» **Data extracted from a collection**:
● ● ● ● ●

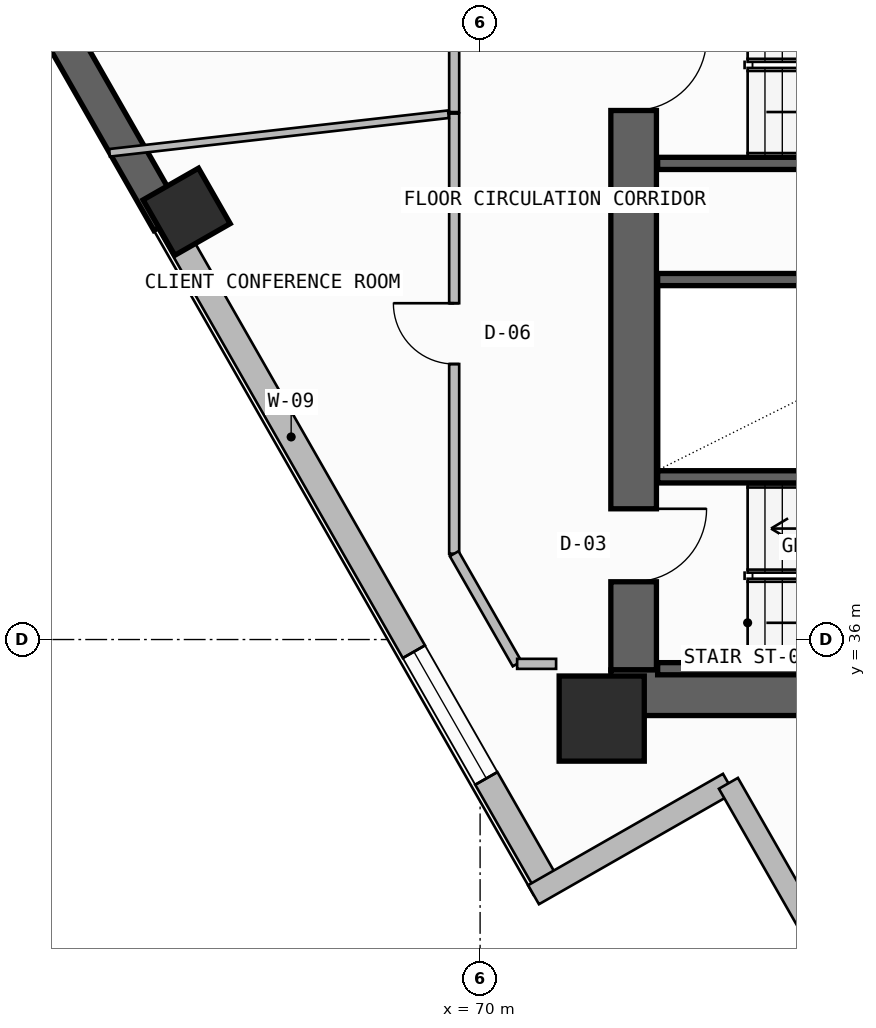
"""IFC4 building model, lengths in metres.
Left out: names, types, materials, properties, quantities, classifications, styles, units other than length and angle.
Written with IfcOpenShell. Run it as: python <this file> out.ifc"""

import sys

from ifc_helpers import new_model, si_unit, direction, frame, frame_2d, origin, origin_2d, place, context, subcontext, project, spatial, rectangle, extrude, element, fill, save


model = new_model("IFC4")
c1 = context("Model", 3, precision=1e-05, world=origin(), true_north=direction((0.0, 1.0)))
c2 = subcontext(c1, "Body", "Model", "MODEL_VIEW")
j1 = project(units=[si_unit("LENGTHUNIT", "METRE"), si_unit("PLANEANGLEUNIT", "RADIAN")], contexts=[c1])
p1 = place(None, origin())
s1 = spatial("IfcSite", under=j1, at=p1, CompositionType="ELEMENT")
p2 = place(p1, origin())
s2 = spatial("IfcBuilding", under=s1, at=p2, CompositionType="ELEMENT")
p3 = place(p2, frame((0.0, 0.0, 229.06)))
s3 = spatial("IfcBuildingStorey", under=s2, at=p3, CompositionType="ELEMENT", Elevation=229.06)
p4 = place(p3, frame((72.525, 35.5, -0.26), z_axis=(0.0, 0.0, 1.0), x_axis=(0.0, 1.0, 0.0)))
e1 = element("IfcWall", 1, at=p4, inside=s3, PredefinedType="SHEAR", context=c2, shape_type="SweptSolid", body=[
    extrude(rectangle(XDim=7.85, YDim=0.75, at=frame_2d((3.925, 0.0))), origin(), (0.0, 0.0, 1.0), 3.52),
])
p5 = place(p4, frame((1.45, 0.0, 0.26)))
e2 = element("IfcOpeningElement", 2, at=p5, cuts=e1, PredefinedType="OPENING", context=c2, shape_type="SweptSolid", body=[
    extrude(rectangle(XDim=1.2, YDim=2.2, at=frame_2d((0.6, 1.1))), frame((0.0, 0.385, 0.0), z_axis=(0.0, -1.0, 0.0), x_axis=(1.0, 0.0, 0.0)), (0.0, 0.0, 1.0), 0.77),
])
p6 = place(p3, frame((72.15, 35.125, -0.26), z_axis=(0.0, 0.0, 1.0), x_axis=(1.0, 0.0, 0.0)))
e3 = element("IfcWall", 3, at=p6, inside=s3, PredefinedType="SHEAR", context=c2, shape_type="SweptSolid", body=[
    extrude(rectangle(XDim=13.6, YDim=0.75, at=frame_2d((6.8, 0.0))), origin(), (0.0, 0.0, 1.0), 3.52),
])
p7 = place(p3, frame((72.525, 43.35, -0.26), z_axis=(0.0, 0.0, 1.0), x_axis=(0.0, 1.0, 0.0)))
e4 = element("IfcWall", 4, at=p7, inside=s3, PredefinedType="SHEAR", context=c2, shape_type="SweptSolid", body=[
    extrude(rectangle(XDim=12.7, YDim=0.75, at=frame_2d((6.35, 0.0))), origin(), (0.0, 0.0, 1.0), 3.52),
])
p8 = place(p7, frame((1.35, 0.0, 0.26)))
e5 = element("IfcOpeningElement", 5, at=p8, cuts=e4, PredefinedType="OPENING", context=c2, shape_type="SweptSolid", body=[
    extrude(rectangle(XDim=1.2, YDim=2.2, at=frame_2d((0.6, 1.1))), frame((0.0, 0.385, 0.0), z_axis=(0.0, -1.0, 0.0), x_axis=(1.0, 0.0, 0.0)), (0.0, 0.0, 1.0), 0.77),
])
p9 = place(p3, frame((72.0, 34.7, 0.0), z_axis=(0.0, 0.0, 1.0), x_axis=(1.0, 0.0, 0.0)))
e6 = element("IfcColumn", 6, at=p9, inside=s3, PredefinedType="COLUMN", context=c2, shape_type="SweptSolid", body=[
    extrude(rectangle(XDim=1.4, YDim=1.4, at=origin_2d()), origin(), (0.0, 0.0, 1.0), 3.52),
])
p10 = place(p3, frame((65.173, 43.035, 0.0), z_axis=(0.0, 0.0, 1.0), x_axis=(-0.496216503675, 0.868198814489, 0.0)))
e7 = element("IfcColumn", 7, at=p10, inside=s3, PredefinedType="COLUMN", context=c2, shape_type="SweptSolid", body=[
    extrude(rectangle(XDim=1.05, YDim=1.05, at=origin_2d()), origin(), (0.0, 0.0, 1.0), 3.52),
])
p11 = place(p3, frame((55.325, 59.57, -0.26), z_axis=(0.0, 0.0, 1.0), x_axis=(0.496211351597, -0.868201759124, 0.0)))
e8 = element("IfcWall", 8, at=p11, inside=s3, PredefinedType="SHEAR", context=c2, shape_type="SweptSolid", body=[
    extrude(rectangle(XDim=19.243, YDim=0.55, at=frame_2d((9.622, 0.0))), origin(), (0.0, 0.0, 1.0), 3.52),
])
p12 = place(p3, frame((64.874, 42.864, 0.0), z_axis=(0.0, 0.0, 1.0), x_axis=(0.49622043329, -0.868196568517, 0.0)))
e9 = element("IfcWall", 9, at=p12, inside=s3, PredefinedType="SOLIDWALL", context=c2, shape_type="SweptSolid", body=[
    extrude(rectangle(XDim=12.582, YDim=0.42, at=frame_2d((6.291, 0.0))), origin(), (0.0, 0.0, 1.0), 2.237),
])
p13 = place(p12, frame((8.136, 0.0, 0.957)))
e10 = element("IfcOpeningElement", 10, at=p13, cuts=e9, PredefinedType="OPENING", context=c2, shape_type="SweptSolid", body=[
    extrude(rectangle(XDim=2.4, YDim=1.2, at=frame_2d((1.2, 0.6))), frame((0.0, 0.22, 0.0), z_axis=(0.0, -1.0, 0.0), x_axis=(1.0, 0.0, 0.0)), (0.0, 0.0, 1.0), 0.44),
])
for number, where, z_axis, x_axis in (
    (11, (70.878, 31.803, 0.0), (0.0, 0.0, 1.0), (0.868, 0.496, 0.0)),
    (12, (74.084, 33.635, 0.0), (0.0, 0.0, 1.0), (0.496, -0.868, 0.0)),
):
    element("IfcWall", number, at=place(p3, frame(where, z_axis=z_axis, x_axis=x_axis)), inside=s3, PredefinedType="SOLIDWALL", context=c2, shape_type="SweptSolid", body=[
        extrude(rectangle(XDim=3.692, YDim=0.36, at=frame_2d((1.846, 0.0))), origin(), (0.0, 0.0, 1.0), 3.26),
    ])
for number, where, z_axis, x_axis in (
    (13, (72.92, 35.52, -0.26), (0.0, 0.0, 1.0), (1.0, 0.0, 0.0)),
    (14, (72.92, 38.675, -0.26), (0.0, 0.0, 1.0), (1.0, 0.0, 0.0)),
):
    element("IfcWall", number, at=place(p3, frame(where, z_axis=z_axis, x_axis=x_axis)), inside=s3, PredefinedType="SOLIDWALL", context=c2, shape_type="SweptSolid", body=[
        extrude(rectangle(XDim=7.7, YDim=0.2, at=frame_2d((3.85, 0.0))), origin(), (0.0, 0.0, 1.0), 3.52),
    ])
p14 = place(p3, frame((72.92, 41.92, -0.26), z_axis=(0.0, 0.0, 1.0), x_axis=(1.0, 0.0, 0.0)))
e15 = element("IfcWall", 15, at=p14, inside=s3, PredefinedType="SOLIDWALL", context=c2, shape_type="SweptSolid", body=[
    extrude(rectangle(XDim=7.58, YDim=0.2, at=frame_2d((3.79, 0.0))), origin(), (0.0, 0.0, 1.0), 3.52),
])
p15 = place(p3, frame((72.92, 43.83, -0.26), z_axis=(0.0, 0.0, 1.0), x_axis=(1.0, 0.0, 0.0)))
e16 = element("IfcWall", 16, at=p15, inside=s3, PredefinedType="SOLIDWALL", context=c2, shape_type="SweptSolid", body=[
    extrude(rectangle(XDim=7.7, YDim=0.2, at=frame_2d((3.85, 0.0))), origin(), (0.0, 0.0, 1.0), 3.52),
])
p16 = place(p3, frame((69.573, 44.65, 0.0), z_axis=(0.0, 0.0, 1.0), x_axis=(0.0, -1.0, 0.0)))
e17 = element("IfcWall", 17, at=p16, inside=s3, PredefinedType="PARTITIONING", context=c2, shape_type="SweptSolid", body=[
    extrude(rectangle(XDim=7.238, YDim=0.165, at=frame_2d((3.619, 0.0))), origin(), (0.0, 0.0, 1.0), 3.26),
])
p17 = place(p16, frame((3.119, 0.0, 0.0)))
e18 = element("IfcOpeningElement", 18, at=p17, cuts=e17, PredefinedType="OPENING", context=c2, shape_type="SweptSolid", body=[
    extrude(rectangle(XDim=1.0, YDim=2.2, at=frame_2d((0.5, 1.1))), frame((0.0, 0.093, 0.0), z_axis=(0.0, -1.0, 0.0), x_axis=(1.0, 0.0, 0.0)), (0.0, 0.0, 1.0), 0.185),
])
p18 = place(p3, frame((69.573, 37.412, 0.0), z_axis=(0.0, 0.0, 1.0), x_axis=(0.496315328589, -0.868142323935, 0.0)))
e19 = element("IfcWall", 19, at=p18, inside=s3, PredefinedType="PARTITIONING", context=c2, shape_type="SweptSolid", body=[
    extrude(rectangle(XDim=2.087, YDim=0.165, at=frame_2d((1.043, 0.0))), origin(), (0.0, 0.0, 1.0), 3.26),
])
p19 = place(p3, frame((70.609, 35.6, 0.0), z_axis=(0.0, 0.0, 1.0), x_axis=(1.0, 0.0, 0.0)))
e20 = element("IfcWall", 20, at=p19, inside=s3, PredefinedType="PARTITIONING", context=c2, shape_type="SweptSolid", body=[
    extrude(rectangle(XDim=0.641, YDim=0.165, at=frame_2d((0.32, 0.0))), origin(), (0.0, 0.0, 1.0), 3.26),
])
p20 = place(p3, frame((63.905, 44.004, 0.0), z_axis=(0.0, 0.0, 1.0), x_axis=(0.993582932181, 0.113105954217, 0.0)))
e21 = element("IfcWall", 21, at=p20, inside=s3, PredefinedType="PARTITIONING", context=c2, shape_type="SweptSolid", body=[
    extrude(rectangle(XDim=5.61, YDim=0.125, at=frame_2d((2.805, 0.0))), origin(), (0.0, 0.0, 1.0), 2.237),
])
p21 = place(p3, frame((69.573, 52.799, 0.0), z_axis=(0.0, 0.0, 1.0), x_axis=(0.0, -1.0, 0.0)))
e22 = element("IfcWall", 22, at=p21, inside=s3, PredefinedType="PARTITIONING", context=c2, shape_type="SweptSolid", body=[
    extrude(rectangle(XDim=8.125, YDim=0.165, at=frame_2d((4.062, 0.0))), origin(), (0.0, 0.0, 1.0), 2.237),
])
p22 = place(p21, frame((3.562, 0.0, 0.0)))
e23 = element("IfcOpeningElement", 23, at=p22, cuts=e22, PredefinedType="OPENING", context=c2, shape_type="SweptSolid", body=[
    extrude(rectangle(XDim=1.0, YDim=2.2, at=frame_2d((0.5, 1.1))), frame((0.0, 0.093, 0.0), z_axis=(0.0, -1.0, 0.0), x_axis=(1.0, 0.0, 0.0)), (0.0, 0.0, 1.0), 0.185),
])
p23 = place(p13, origin())
e24 = element("IfcWindow", 24, at=p23, inside=s3, PartitioningType="SINGLE_PANEL", PredefinedType="WINDOW", context=c2, shape_type="SweptSolid", body=[
    extrude(rectangle(XDim=2.4, YDim=1.2, at=frame_2d((1.2, 0.6))), frame((0.0, 0.03, 0.0), z_axis=(0.0, -1.0, 0.0), x_axis=(1.0, 0.0, 0.0)), (0.0, 0.0, 1.0), 0.06),
])
fill(e10, e24)
p24 = place(p5, frame((1.2, 0.0, 0.0), z_axis=(0.0, 0.0, 1.0), x_axis=(-1.0, 0.0, 0.0)))
e25 = element("IfcDoor", 25, at=p24, inside=s3, OperationType="SINGLE_SWING_LEFT", PredefinedType="USERDEFINED", context=c2, shape_type="SweptSolid", body=[
    extrude(rectangle(XDim=1.2, YDim=2.2, at=frame_2d((0.6, 1.1))), frame((0.0, 0.025, 0.0), z_axis=(0.0, -1.0, 0.0), x_axis=(1.0, 0.0, 0.0)), (0.0, 0.0, 1.0), 0.05),
])
fill(e2, e25)
p25 = place(p8, frame((1.2, 0.0, 0.0), z_axis=(0.0, 0.0, 1.0), x_axis=(-1.0, 0.0, 0.0)))
e26 = element("IfcDoor", 26, at=p25, inside=s3, OperationType="SINGLE_SWING_LEFT", PredefinedType="USERDEFINED", context=c2, shape_type="SweptSolid", body=[
    extrude(rectangle(XDim=1.2, YDim=2.2, at=frame_2d((0.6, 1.1))), frame((0.0, 0.025, 0.0), z_axis=(0.0, -1.0, 0.0), x_axis=(1.0, 0.0, 0.0)), (0.0, 0.0, 1.0), 0.05),
])
fill(e5, e26)
p26 = place(p17, frame((1.0, 0.0, 0.0), z_axis=(0.0, 0.0, 1.0), x_axis=(-1.0, 0.0, 0.0)))
e27 = element("IfcDoor", 27, at=p26, inside=s3, OperationType="SINGLE_SWING_RIGHT", PredefinedType="DOOR", context=c2, shape_type="SweptSolid", body=[
    extrude(rectangle(XDim=1.0, YDim=2.2, at=frame_2d((0.5, 1.1))), frame((0.0, 0.025, 0.0), z_axis=(0.0, -1.0, 0.0), x_axis=(1.0, 0.0, 0.0)), (0.0, 0.0, 1.0), 0.05),
])
fill(e18, e27)
save(model, sys.argv[1])

● ● ● ● ●

» **To do**: Search the data above for the string "IfcDoor" and report each line that holds it.

» **Response to this task**:
e25 = element("IfcDoor", 25, at=p24, inside=s3, OperationType="SINGLE_SWING_LEFT", PredefinedType="USERDEFINED", context=c2, shape_type="SweptSolid", body=[
e26 = element("IfcDoor", 26, at=p25, inside=s3, OperationType="SINGLE_SWING_LEFT", PredefinedType="USERDEFINED", context=c2, shape_type="SweptSolid", body=[
e27 = element("IfcDoor", 27, at=p26, inside=s3, OperationType="SINGLE_SWING_RIGHT", PredefinedType="DOOR", context=c2, shape_type="SweptSolid", body=[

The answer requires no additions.